_THE RECORDS_.

((

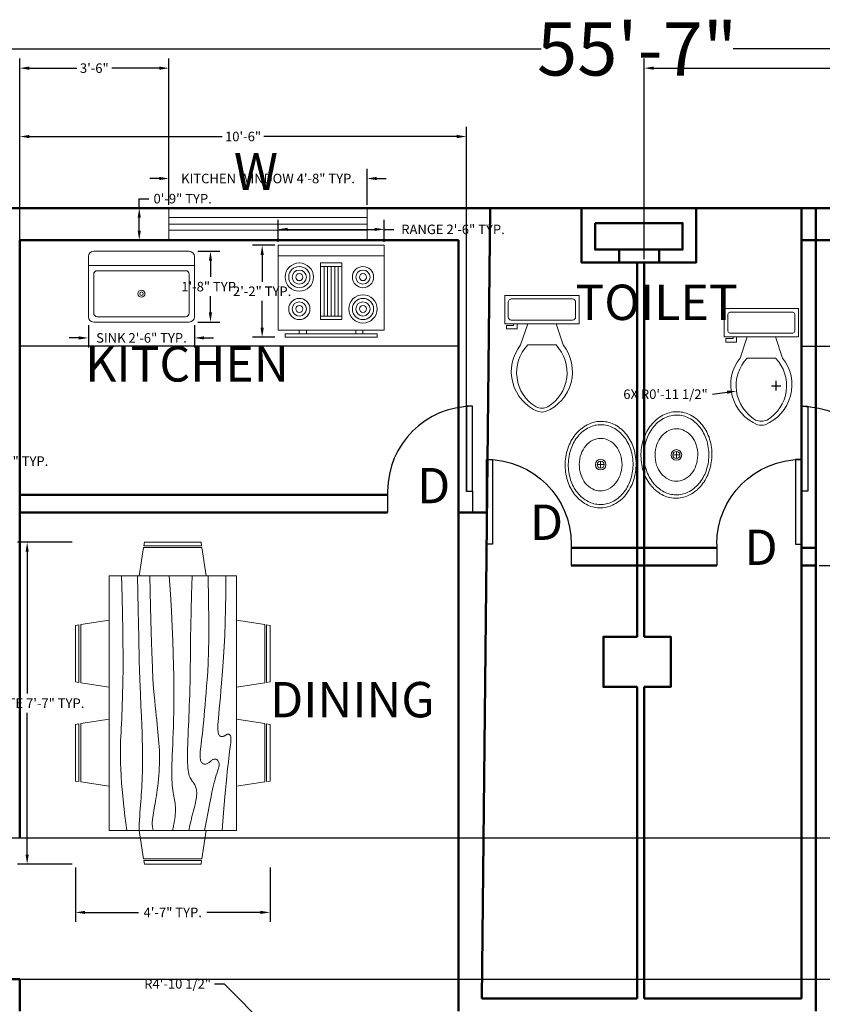
# Model space of a CAD drawing. Units: inches. Extents: x -15 to 796, y 111 to 651.
# Tile 4 of 6: x 189 to 416, y 373 to 651. Entities that reach past the tile are written whole.
import ezdxf

# ---------------------------------------------------------------- set-up
doc = ezdxf.new("R2010")
doc.units = ezdxf.units.IN
doc.header["$MEASUREMENT"] = 0
doc.layers.get('0').update_dxf_attribs({"color": 1})
for name, color, linetype, lineweight in [('A-ANNO-DIMS', 2, 'Continuous', 18), ('A-ANNO-TEXT', 7, 'Continuous', 18), ('A-AREA-IDEN', 7, 'Continuous', 25), ('A-COLS', 1, 'Continuous', 50), ('A-DOOR', 3, 'Continuous', 25), ('A-EQPM', 8, 'Continuous', 20), ('A-FLOR-CASE', 8, 'Continuous', 25), ('A-FLOR-FIXT', 9, 'Continuous', 20), ('A-FLOR-PATT', 18, 'Continuous', 13), ('A-FURN', 8, 'Continuous', 18), ('A-GLAZ', 4, 'Continuous', 18), ('A-WALL', 7, 'Continuous', 50)]:
    doc.layers.add(name, color=color, linetype=linetype, lineweight=lineweight)
doc.styles.get("Standard").update_dxf_attribs({"font": 'arial.ttf'})
doc.dimstyles.get("Standard").update_dxf_attribs({"dimscale": 15, "dimtxt": 0.18, "dimasz": 0.18, "dimexe": 0.18, "dimexo": 0.0625, "dimgap": 0.09, "dimtad": 0, "dimtih": 1, "dimtoh": 1, "dimdec": 0, "dimzin": 0, "dimdsep": 46, "dimlunit": 3, "dimtxsty": 'Standard', "dimcen": 0.09, "dimadec": 0, "dimazin": 0, "dimtfac": 1, "dimtdec": 0, "dimtofl": 0, "dimtmove": 0, "dimatfit": 3, "dimfxl": 1, "dimtolj": 1, "dimtzin": 0, "dimarcsym": 0})

# ---------------------------------------------------------------- blocks, each defined once
blk = doc.blocks.new('*U4')
for p, q in [((0, 0), (0, -6)), ((-40, 0), (-40, -6))]:
    blk.add_line(p, q)
blk.add_lwpolyline([(0, 0), (0, 40), (-1.75, 40), (-1.75, 0)], close=True)
blk.add_arc((0, 0), 40, 90, 180)
blk = doc.blocks.new('Range-Oven - 30 in top')
for p, q in [((0, -3), (30, -3)), ((12, -6), (18, -6)), ((13, -20), (13, -6)), ((14, -6), (14, -20)), ((15, -20), (15, -6)), ((16, -6), (16, -20)), ((17, -20), (17, -6)), ((18, -20), (12, -20)), ((6, -24), (6, -25)), ((8, -25), (8, -24)), ((22, -25), (22, -24)), ((24, -24), (24, -25))]:
    blk.add_line(p, q)
for points in [[(0, -24), (0, 0), (30, 0), (30, -24)], [(12, -21), (12, -5), (18, -5), (18, -21)], [(2, -26), (2, -25), (28, -25), (28, -26)]]:
    blk.add_lwpolyline(points, close=True)
for centre, radius in [((6, -9), 4), ((6, -9), 3), ((6, -9), 2), ((6, -9), 1), ((24, -9), 3), ((24, -9), 2), ((24, -9), 1), ((6, -18), 3), ((6, -18), 2), ((24, -18), 4), ((24, -18), 3), ((24, -18), 2), ((6, -18), 1), ((24, -18), 1)]:
    blk.add_circle(centre, radius)
blk = doc.blocks.new('Sink-single - 30 in top')
blk.add_line((-15, -3.999996), (15, -3.999996))
for points in [[(-13.5, 0), (13.5, 0)], [(-15, -18.499996), (-15, -1.5)], [(15, -1.5), (15, -18.499996)], [(-12.5, -5.499996), (12.5, -5.499996)], [(-13.5, -17.499996), (-13.5, -6.499996)], [(13.5, -6.499996), (13.5, -17.499996)], [(12.5, -18.499996), (-12.5, -18.499996)], [(13.5, -19.999996), (-13.5, -19.999996)]]:
    blk.add_lwpolyline(points)
for radius in [1, 0.5]:
    blk.add_circle((0, -11.999996), radius)
for centre, radius, start, end in [((-13.5, -1.5), 1.5, 90, 180), ((13.5, -1.5), 1.5, 0, 90), ((-12.5, -6.499996), 1, 90, 180), ((12.5, -6.499996), 1, 0, 90), ((-13.5, -18.499996), 1.5, 180, 270), ((-12.5, -17.499996), 1, 180, 270), ((12.5, -17.499996), 1, 270, 0), ((13.5, -18.499996), 1.5, 270, 0)]:
    blk.add_arc(centre, radius, start, end)
blk = doc.blocks.new('*U13')
for p, q in [((-24, 0), (-24, -6)), ((0, 0), (0, -6))]:
    blk.add_line(p, q)
blk.add_lwpolyline([(0, 0), (0, 24), (-1.75, 24), (-1.75, 0)], close=True)
blk.add_arc((0, 0), 24, 90, 180)
blk = doc.blocks.new('Dining Set - 36 x 72 in.')
for p, q in [((-22.2343, 26.00059), (-23.4847, 17.99762)), ((-22.2304, 26), (-5.7608, 26)), ((-22, 27.5), (-22.1562, 26.50042)), ((-5.8416, 26.5), (-22.1534, 26.5)), ((-22, 27.5), (-6, 27.5)), ((-5.8437, 26.49966), (-6, 27.5)), ((-4.5152, 17.99762), (-5.7655, 25.99926)), ((5.7657, 26.00059), (4.5153, 17.99762)), ((5.7696, 26), (22.2392, 26)), ((6, 27.5), (5.8438, 26.50042)), ((22.1584, 26.5), (5.8466, 26.5)), ((6, 27.5), (22, 27.5)), ((22.1563, 26.49966), (22, 27.5)), ((23.4848, 17.99762), (22.2345, 25.99926)), ((36, 18), (-36, 18)), ((-36, 18), (-36, -18)), ((36, -18), (36, 18)), ((-44.0006, 8.23428), (-35.9976, 9.48474)), ((44.0006, 8.23428), (35.9976, 9.48474)), ((-45.5, 8), (-44.5004, 8.15617)), ((-45.5, 8), (-45.5, -8)), ((-44.5, -8.15843), (-44.5, 8.15338)), ((-44, 8.23041), (-44, -8.23915)), ((44, 8.23041), (44, -8.23915)), ((44.5, -8.15843), (44.5, 8.15338)), ((45.5, 8), (44.5005, 8.15617)), ((45.5, 8), (45.5, -8)), ((-44.4997, -8.15631), (-45.5, -8)), ((-35.9976, -9.48476), (-43.9993, -8.2345)), ((35.9976, -9.48476), (43.9993, -8.2345)), ((44.4997, -8.15631), (45.5, -8)), ((-36, -18), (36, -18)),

))

_PROBLEM REQUIREMENTS_.
Each line that includes the string "layers" should be copied from the data.

_PROBLEM SOLUTION_.
doc.layers.get('0').update_dxf_attribs({"color": 1})
    doc.layers.add(name, color=color, linetype=linetype, lineweight=lineweight)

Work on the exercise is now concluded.